* **Task to complete**:
Look below for the line containing "#276=CARTESIAN_POINT('',(2.183,14.334,16.938));"; from there, print each line exactly up to and including the line containing "#332=LENGTH_MEASURE_WITH_UNIT(LENGTH_MEASURE(0.0254),#331);", and stop.

* **Material for this exercise**:
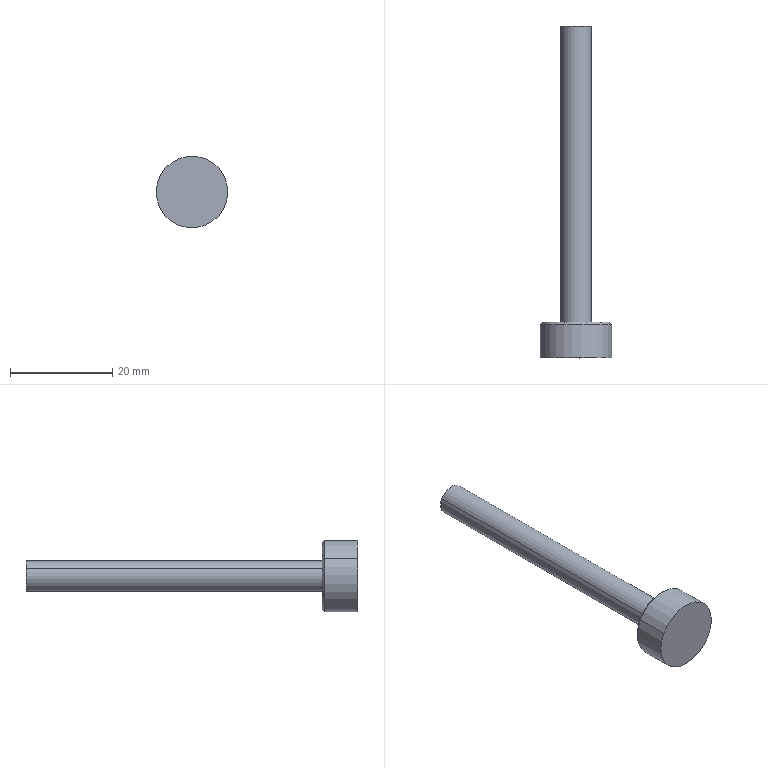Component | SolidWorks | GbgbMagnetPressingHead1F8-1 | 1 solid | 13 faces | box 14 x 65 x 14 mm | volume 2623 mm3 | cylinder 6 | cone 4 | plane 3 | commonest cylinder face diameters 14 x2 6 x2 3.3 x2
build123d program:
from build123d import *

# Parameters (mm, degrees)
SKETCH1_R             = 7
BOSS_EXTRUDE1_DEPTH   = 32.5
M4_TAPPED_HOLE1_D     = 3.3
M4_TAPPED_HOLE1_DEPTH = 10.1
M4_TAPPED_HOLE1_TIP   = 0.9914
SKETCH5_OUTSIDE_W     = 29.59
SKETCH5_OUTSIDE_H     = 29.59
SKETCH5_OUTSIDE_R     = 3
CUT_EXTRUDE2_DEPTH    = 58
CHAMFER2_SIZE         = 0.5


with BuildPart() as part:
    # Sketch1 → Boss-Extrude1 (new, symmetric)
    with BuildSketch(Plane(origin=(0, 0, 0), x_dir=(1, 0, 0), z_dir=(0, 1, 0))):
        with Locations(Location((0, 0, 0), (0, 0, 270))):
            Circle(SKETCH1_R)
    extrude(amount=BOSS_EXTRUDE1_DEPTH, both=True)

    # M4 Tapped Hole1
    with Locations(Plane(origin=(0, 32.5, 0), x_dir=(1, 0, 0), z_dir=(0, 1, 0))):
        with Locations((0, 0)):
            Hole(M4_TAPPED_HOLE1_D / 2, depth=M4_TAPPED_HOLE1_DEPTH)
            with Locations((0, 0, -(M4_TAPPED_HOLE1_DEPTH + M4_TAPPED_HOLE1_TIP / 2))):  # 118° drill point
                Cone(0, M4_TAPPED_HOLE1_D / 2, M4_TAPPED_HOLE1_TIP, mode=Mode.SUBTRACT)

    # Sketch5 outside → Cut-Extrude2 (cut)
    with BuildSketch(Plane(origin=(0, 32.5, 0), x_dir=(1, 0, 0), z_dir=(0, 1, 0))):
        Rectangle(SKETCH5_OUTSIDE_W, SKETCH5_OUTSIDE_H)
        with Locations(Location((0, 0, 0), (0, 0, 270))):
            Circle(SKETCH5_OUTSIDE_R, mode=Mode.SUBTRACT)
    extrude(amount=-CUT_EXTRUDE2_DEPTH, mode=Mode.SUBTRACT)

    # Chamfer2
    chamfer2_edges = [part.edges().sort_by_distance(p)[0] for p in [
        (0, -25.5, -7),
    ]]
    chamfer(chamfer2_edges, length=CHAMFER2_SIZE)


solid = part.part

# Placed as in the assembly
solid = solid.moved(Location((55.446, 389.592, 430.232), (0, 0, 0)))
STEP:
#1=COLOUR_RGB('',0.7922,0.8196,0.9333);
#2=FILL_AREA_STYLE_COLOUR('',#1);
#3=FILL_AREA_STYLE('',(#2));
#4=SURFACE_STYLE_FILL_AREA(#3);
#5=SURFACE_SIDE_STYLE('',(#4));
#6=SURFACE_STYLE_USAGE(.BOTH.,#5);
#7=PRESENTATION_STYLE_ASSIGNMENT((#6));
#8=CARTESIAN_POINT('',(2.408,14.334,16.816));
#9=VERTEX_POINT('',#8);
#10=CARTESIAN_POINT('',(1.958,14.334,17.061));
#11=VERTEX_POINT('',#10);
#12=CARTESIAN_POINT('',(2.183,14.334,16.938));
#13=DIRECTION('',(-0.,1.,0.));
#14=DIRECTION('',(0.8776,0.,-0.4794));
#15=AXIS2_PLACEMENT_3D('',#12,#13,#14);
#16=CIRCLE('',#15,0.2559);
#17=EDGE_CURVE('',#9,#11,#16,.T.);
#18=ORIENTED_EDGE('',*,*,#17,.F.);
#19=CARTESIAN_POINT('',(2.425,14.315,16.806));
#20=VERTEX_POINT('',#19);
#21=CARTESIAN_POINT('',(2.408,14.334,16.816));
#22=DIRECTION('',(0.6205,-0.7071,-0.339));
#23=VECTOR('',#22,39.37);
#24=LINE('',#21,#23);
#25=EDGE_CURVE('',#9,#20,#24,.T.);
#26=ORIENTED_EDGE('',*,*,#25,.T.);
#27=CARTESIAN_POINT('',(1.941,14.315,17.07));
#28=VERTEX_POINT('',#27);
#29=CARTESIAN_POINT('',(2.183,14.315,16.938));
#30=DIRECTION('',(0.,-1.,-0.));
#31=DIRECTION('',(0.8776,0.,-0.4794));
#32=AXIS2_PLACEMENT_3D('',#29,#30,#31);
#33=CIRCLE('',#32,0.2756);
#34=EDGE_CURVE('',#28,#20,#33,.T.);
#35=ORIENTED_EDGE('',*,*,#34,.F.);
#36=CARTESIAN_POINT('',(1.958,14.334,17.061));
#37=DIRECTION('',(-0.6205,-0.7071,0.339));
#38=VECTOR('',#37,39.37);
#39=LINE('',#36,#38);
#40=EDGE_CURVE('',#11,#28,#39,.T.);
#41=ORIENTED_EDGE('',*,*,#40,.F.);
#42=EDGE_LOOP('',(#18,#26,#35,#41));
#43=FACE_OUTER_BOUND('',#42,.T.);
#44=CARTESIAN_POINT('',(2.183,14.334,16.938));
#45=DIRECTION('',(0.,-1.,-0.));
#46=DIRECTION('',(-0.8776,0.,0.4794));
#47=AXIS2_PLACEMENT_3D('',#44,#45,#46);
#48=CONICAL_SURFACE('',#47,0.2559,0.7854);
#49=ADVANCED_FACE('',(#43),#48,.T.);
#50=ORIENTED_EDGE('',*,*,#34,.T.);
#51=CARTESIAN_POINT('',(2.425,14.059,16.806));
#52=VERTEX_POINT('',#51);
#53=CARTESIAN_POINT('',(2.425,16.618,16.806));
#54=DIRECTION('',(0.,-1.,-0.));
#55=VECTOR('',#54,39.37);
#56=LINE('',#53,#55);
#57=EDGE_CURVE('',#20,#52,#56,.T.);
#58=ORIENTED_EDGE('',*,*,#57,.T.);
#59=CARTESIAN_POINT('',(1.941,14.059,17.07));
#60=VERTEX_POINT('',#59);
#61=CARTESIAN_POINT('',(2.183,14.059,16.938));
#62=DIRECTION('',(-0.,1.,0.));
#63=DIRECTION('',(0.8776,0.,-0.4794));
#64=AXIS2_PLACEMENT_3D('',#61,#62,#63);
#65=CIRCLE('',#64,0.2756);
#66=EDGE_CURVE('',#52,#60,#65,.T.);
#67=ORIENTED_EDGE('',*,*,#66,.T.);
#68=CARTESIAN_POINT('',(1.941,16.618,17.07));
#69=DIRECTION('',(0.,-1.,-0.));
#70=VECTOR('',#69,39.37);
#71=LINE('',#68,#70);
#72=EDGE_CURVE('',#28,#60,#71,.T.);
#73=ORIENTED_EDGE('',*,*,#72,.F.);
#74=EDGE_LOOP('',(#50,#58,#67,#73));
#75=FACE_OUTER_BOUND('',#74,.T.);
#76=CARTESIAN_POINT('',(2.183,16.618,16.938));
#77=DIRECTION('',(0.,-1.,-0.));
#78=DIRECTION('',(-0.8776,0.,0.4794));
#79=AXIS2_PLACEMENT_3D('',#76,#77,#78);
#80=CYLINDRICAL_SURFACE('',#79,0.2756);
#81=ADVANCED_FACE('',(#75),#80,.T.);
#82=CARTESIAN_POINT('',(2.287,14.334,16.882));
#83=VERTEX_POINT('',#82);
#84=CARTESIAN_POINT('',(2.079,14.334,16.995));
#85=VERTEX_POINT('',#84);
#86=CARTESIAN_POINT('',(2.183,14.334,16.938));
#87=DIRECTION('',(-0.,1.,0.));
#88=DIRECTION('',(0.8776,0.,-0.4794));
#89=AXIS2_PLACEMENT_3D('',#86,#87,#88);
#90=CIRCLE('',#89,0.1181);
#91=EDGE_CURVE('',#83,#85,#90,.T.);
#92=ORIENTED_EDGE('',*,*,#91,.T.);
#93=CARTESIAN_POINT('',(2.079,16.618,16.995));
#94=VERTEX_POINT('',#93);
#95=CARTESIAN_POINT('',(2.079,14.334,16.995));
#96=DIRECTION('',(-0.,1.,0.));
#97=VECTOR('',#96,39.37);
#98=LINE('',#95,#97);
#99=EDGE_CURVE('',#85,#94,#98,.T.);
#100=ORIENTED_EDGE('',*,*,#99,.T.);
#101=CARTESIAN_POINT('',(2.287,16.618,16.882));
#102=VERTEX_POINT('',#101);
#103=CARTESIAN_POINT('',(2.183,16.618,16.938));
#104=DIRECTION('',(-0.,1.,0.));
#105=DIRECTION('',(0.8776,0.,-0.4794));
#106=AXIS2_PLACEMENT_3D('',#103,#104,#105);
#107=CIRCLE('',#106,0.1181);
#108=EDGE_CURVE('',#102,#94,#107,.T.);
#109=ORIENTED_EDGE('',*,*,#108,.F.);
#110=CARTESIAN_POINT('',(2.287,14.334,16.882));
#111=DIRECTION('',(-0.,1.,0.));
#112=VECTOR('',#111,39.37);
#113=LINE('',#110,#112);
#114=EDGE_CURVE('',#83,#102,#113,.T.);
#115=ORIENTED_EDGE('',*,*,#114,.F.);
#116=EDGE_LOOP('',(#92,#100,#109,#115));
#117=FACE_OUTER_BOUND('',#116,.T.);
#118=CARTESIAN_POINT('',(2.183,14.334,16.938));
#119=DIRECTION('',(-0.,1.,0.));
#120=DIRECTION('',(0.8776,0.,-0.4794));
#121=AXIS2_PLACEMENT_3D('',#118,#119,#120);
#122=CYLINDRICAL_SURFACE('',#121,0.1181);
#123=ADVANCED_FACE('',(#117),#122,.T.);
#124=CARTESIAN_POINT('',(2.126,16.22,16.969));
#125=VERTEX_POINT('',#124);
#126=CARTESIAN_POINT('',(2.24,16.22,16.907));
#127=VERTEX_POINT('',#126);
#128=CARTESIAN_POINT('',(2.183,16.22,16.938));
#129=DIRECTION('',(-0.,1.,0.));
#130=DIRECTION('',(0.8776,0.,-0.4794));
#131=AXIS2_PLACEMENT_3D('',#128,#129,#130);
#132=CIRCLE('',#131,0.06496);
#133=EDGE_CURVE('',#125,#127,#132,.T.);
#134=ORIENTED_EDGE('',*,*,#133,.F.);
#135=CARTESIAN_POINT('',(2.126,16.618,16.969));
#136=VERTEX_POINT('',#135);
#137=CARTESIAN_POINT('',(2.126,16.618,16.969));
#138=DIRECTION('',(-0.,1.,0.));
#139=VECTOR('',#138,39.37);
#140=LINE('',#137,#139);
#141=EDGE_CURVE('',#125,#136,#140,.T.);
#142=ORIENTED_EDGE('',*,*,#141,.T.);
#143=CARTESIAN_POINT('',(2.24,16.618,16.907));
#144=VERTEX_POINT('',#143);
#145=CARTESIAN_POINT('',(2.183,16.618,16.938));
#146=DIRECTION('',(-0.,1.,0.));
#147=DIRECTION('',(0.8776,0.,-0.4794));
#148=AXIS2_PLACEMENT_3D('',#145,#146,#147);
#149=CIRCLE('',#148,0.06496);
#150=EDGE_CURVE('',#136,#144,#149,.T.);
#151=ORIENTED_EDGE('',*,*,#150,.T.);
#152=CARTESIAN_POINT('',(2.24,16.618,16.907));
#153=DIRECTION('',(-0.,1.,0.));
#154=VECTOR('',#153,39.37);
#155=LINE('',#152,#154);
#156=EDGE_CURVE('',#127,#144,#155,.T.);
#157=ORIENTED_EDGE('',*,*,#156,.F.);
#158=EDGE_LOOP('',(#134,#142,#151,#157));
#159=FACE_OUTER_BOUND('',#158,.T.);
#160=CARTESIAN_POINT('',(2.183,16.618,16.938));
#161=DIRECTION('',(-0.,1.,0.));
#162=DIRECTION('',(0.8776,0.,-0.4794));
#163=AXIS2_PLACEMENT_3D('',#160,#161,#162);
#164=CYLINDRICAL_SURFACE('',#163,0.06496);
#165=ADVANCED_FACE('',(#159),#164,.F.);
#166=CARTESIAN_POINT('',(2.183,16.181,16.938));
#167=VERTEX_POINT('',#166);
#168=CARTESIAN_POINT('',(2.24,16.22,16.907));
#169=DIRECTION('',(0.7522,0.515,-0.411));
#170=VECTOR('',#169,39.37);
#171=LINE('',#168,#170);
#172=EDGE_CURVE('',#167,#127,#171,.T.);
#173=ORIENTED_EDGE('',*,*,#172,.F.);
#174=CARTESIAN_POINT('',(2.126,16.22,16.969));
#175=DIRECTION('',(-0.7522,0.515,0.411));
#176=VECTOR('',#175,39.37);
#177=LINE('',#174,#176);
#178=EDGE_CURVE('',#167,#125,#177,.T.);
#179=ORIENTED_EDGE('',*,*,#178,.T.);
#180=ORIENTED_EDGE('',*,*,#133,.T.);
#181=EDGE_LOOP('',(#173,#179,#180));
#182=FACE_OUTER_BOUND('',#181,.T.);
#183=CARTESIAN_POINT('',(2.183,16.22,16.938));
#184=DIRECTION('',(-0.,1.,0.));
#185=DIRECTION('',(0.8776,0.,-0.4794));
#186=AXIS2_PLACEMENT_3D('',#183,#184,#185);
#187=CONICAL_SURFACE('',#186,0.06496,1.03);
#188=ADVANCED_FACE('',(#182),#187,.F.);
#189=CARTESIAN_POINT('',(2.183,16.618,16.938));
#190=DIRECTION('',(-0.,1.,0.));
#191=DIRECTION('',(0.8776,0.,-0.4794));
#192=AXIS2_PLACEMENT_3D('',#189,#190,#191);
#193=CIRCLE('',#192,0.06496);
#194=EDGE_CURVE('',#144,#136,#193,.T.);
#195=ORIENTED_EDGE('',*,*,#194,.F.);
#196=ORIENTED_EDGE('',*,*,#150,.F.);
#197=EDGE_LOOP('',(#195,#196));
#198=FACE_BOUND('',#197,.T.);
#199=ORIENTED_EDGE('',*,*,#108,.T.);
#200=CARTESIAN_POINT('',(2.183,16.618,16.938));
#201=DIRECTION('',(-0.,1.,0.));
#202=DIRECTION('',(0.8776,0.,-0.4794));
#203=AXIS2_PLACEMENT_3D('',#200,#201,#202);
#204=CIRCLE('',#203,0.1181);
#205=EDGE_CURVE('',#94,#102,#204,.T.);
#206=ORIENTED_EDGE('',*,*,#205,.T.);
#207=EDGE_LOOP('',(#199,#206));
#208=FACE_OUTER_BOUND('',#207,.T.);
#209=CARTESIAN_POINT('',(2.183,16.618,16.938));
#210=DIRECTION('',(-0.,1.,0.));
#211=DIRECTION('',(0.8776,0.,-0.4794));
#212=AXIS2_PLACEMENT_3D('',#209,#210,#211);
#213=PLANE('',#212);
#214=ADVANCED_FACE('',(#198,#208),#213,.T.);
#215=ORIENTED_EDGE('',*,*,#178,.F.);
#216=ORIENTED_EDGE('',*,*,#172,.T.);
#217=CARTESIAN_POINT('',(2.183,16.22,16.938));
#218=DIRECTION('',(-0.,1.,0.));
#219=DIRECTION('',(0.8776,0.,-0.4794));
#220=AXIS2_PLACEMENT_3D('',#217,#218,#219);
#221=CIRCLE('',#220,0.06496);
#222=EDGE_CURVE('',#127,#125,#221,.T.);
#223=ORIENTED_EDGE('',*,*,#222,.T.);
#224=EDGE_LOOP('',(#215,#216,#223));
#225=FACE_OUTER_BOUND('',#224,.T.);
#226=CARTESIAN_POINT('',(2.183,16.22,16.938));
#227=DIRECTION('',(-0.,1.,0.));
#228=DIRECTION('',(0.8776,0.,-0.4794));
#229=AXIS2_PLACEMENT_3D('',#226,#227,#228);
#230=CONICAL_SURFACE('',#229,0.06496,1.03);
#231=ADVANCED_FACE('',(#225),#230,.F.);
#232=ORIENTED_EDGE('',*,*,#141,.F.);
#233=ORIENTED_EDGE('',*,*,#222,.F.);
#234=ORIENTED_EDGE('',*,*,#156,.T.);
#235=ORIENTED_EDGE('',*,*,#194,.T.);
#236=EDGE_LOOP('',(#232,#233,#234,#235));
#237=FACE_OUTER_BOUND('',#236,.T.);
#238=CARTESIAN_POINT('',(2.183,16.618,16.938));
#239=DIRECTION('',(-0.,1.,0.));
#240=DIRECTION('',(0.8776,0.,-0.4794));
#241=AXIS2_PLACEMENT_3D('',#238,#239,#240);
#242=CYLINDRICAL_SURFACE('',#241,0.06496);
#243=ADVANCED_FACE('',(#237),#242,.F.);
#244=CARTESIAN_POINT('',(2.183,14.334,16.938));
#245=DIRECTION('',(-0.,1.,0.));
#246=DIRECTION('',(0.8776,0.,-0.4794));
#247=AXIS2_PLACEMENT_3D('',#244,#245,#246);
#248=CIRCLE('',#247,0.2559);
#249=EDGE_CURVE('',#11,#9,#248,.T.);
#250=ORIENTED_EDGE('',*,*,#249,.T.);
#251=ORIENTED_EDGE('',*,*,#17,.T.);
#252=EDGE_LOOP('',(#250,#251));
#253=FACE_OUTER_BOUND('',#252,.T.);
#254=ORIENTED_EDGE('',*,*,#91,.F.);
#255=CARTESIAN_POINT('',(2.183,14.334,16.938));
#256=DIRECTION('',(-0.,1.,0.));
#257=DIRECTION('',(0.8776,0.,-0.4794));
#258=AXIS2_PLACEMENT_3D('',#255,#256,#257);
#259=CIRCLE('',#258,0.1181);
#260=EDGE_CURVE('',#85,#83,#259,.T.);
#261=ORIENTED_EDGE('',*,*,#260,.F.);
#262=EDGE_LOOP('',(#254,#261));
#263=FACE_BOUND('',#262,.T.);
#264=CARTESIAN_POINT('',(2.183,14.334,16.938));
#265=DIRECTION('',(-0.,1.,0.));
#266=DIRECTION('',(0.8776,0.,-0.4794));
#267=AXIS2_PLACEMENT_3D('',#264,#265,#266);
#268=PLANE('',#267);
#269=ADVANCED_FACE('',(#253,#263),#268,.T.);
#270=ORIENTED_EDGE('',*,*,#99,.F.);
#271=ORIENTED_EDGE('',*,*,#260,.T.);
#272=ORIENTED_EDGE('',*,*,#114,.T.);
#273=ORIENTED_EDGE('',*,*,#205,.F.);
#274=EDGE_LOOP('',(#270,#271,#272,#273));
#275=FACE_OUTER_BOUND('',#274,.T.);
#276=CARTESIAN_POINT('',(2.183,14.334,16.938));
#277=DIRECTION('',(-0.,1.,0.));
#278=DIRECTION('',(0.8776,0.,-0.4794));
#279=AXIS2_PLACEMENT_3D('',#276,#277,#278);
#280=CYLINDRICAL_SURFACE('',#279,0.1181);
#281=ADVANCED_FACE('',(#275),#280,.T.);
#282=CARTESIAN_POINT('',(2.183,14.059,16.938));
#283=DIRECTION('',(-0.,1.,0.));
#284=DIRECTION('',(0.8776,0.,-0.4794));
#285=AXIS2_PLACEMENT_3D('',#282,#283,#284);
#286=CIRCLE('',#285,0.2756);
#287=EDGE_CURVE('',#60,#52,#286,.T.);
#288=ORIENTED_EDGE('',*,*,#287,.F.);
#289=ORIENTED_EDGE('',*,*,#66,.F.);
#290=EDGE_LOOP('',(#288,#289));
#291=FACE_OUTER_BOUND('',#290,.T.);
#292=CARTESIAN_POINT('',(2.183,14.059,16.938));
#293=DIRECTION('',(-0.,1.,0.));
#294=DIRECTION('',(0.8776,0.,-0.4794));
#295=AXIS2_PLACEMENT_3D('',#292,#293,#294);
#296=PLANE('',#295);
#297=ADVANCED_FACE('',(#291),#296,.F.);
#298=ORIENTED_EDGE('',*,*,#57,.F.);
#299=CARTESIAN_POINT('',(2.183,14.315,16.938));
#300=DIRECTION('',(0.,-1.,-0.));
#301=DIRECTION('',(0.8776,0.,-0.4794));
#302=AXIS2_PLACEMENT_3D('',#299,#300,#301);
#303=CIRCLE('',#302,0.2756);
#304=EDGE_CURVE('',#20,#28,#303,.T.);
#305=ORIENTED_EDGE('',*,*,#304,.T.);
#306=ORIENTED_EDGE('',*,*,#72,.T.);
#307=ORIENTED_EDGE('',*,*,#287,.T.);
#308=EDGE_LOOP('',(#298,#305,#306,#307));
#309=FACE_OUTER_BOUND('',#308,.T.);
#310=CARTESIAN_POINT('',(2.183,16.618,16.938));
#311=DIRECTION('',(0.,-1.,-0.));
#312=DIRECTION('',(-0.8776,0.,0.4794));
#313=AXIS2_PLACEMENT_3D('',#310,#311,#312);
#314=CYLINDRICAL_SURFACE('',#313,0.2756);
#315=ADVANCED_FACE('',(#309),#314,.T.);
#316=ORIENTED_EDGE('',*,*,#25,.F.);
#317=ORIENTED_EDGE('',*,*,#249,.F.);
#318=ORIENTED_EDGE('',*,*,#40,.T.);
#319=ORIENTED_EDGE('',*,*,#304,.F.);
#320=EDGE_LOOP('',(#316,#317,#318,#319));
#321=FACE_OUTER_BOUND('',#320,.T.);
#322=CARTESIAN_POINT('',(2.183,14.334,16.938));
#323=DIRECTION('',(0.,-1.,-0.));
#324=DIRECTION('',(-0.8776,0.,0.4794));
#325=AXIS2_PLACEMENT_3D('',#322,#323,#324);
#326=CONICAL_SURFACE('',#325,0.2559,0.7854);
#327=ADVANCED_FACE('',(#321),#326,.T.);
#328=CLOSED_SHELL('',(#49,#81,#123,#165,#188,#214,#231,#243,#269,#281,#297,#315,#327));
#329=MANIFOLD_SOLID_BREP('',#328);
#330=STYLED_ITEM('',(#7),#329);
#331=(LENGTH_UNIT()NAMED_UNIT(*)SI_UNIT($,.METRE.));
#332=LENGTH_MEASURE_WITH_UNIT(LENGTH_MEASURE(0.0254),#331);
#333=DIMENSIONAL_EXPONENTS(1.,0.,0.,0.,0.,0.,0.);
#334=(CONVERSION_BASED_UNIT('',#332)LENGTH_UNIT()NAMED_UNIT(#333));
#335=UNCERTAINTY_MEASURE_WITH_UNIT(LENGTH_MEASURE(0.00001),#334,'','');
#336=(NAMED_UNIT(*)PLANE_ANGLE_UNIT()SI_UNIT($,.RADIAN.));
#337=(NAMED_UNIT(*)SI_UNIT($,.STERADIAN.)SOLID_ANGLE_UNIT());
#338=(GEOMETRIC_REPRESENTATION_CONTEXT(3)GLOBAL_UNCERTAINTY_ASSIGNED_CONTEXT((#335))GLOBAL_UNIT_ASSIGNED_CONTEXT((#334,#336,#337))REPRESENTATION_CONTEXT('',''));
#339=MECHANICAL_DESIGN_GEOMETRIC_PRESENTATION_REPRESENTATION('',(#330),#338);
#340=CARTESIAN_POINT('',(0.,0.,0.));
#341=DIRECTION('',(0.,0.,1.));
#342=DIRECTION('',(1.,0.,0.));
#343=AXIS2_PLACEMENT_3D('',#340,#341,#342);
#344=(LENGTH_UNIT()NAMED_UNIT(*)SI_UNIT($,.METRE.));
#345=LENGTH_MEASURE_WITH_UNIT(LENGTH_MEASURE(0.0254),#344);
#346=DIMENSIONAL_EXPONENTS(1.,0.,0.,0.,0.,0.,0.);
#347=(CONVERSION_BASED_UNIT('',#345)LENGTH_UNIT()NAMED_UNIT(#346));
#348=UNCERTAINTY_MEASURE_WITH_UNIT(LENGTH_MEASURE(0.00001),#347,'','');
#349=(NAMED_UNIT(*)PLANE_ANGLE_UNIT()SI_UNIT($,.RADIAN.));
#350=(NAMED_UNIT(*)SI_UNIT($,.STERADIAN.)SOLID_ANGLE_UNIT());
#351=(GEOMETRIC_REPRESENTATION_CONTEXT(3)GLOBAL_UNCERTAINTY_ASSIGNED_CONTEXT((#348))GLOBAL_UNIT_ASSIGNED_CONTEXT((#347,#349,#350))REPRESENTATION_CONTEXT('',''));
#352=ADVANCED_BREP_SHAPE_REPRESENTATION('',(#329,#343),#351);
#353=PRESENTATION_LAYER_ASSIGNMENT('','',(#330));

* **Answer to the problem**:
#276=CARTESIAN_POINT('',(2.183,14.334,16.938));
#277=DIRECTION('',(-0.,1.,0.));
#278=DIRECTION('',(0.8776,0.,-0.4794));
#279=AXIS2_PLACEMENT_3D('',#276,#277,#278);
#280=CYLINDRICAL_SURFACE('',#279,0.1181);
#281=ADVANCED_FACE('',(#275),#280,.T.);
#282=CARTESIAN_POINT('',(2.183,14.059,16.938));
#283=DIRECTION('',(-0.,1.,0.));
#284=DIRECTION('',(0.8776,0.,-0.4794));
#285=AXIS2_PLACEMENT_3D('',#282,#283,#284);
#286=CIRCLE('',#285,0.2756);
#287=EDGE_CURVE('',#60,#52,#286,.T.);
#288=ORIENTED_EDGE('',*,*,#287,.F.);
#289=ORIENTED_EDGE('',*,*,#66,.F.);
#290=EDGE_LOOP('',(#288,#289));
#291=FACE_OUTER_BOUND('',#290,.T.);
#292=CARTESIAN_POINT('',(2.183,14.059,16.938));
#293=DIRECTION('',(-0.,1.,0.));
#294=DIRECTION('',(0.8776,0.,-0.4794));
#295=AXIS2_PLACEMENT_3D('',#292,#293,#294);
#296=PLANE('',#295);
#297=ADVANCED_FACE('',(#291),#296,.F.);
#298=ORIENTED_EDGE('',*,*,#57,.F.);
#299=CARTESIAN_POINT('',(2.183,14.315,16.938));
#300=DIRECTION('',(0.,-1.,-0.));
#301=DIRECTION('',(0.8776,0.,-0.4794));
#302=AXIS2_PLACEMENT_3D('',#299,#300,#301);
#303=CIRCLE('',#302,0.2756);
#304=EDGE_CURVE('',#20,#28,#303,.T.);
#305=ORIENTED_EDGE('',*,*,#304,.T.);
#306=ORIENTED_EDGE('',*,*,#72,.T.);
#307=ORIENTED_EDGE('',*,*,#287,.T.);
#308=EDGE_LOOP('',(#298,#305,#306,#307));
#309=FACE_OUTER_BOUND('',#308,.T.);
#310=CARTESIAN_POINT('',(2.183,16.618,16.938));
#311=DIRECTION('',(0.,-1.,-0.));
#312=DIRECTION('',(-0.8776,0.,0.4794));
#313=AXIS2_PLACEMENT_3D('',#310,#311,#312);
#314=CYLINDRICAL_SURFACE('',#313,0.2756);
#315=ADVANCED_FACE('',(#309),#314,.T.);
#316=ORIENTED_EDGE('',*,*,#25,.F.);
#317=ORIENTED_EDGE('',*,*,#249,.F.);
#318=ORIENTED_EDGE('',*,*,#40,.T.);
#319=ORIENTED_EDGE('',*,*,#304,.F.);
#320=EDGE_LOOP('',(#316,#317,#318,#319));
#321=FACE_OUTER_BOUND('',#320,.T.);
#322=CARTESIAN_POINT('',(2.183,14.334,16.938));
#323=DIRECTION('',(0.,-1.,-0.));
#324=DIRECTION('',(-0.8776,0.,0.4794));
#325=AXIS2_PLACEMENT_3D('',#322,#323,#324);
#326=CONICAL_SURFACE('',#325,0.2559,0.7854);
#327=ADVANCED_FACE('',(#321),#326,.T.);
#328=CLOSED_SHELL('',(#49,#81,#123,#165,#188,#214,#231,#243,#269,#281,#297,#315,#327));
#329=MANIFOLD_SOLID_BREP('',#328);
#330=STYLED_ITEM('',(#7),#329);
#331=(LENGTH_UNIT()NAMED_UNIT(*)SI_UNIT($,.METRE.));
#332=LENGTH_MEASURE_WITH_UNIT(LENGTH_MEASURE(0.0254),#331);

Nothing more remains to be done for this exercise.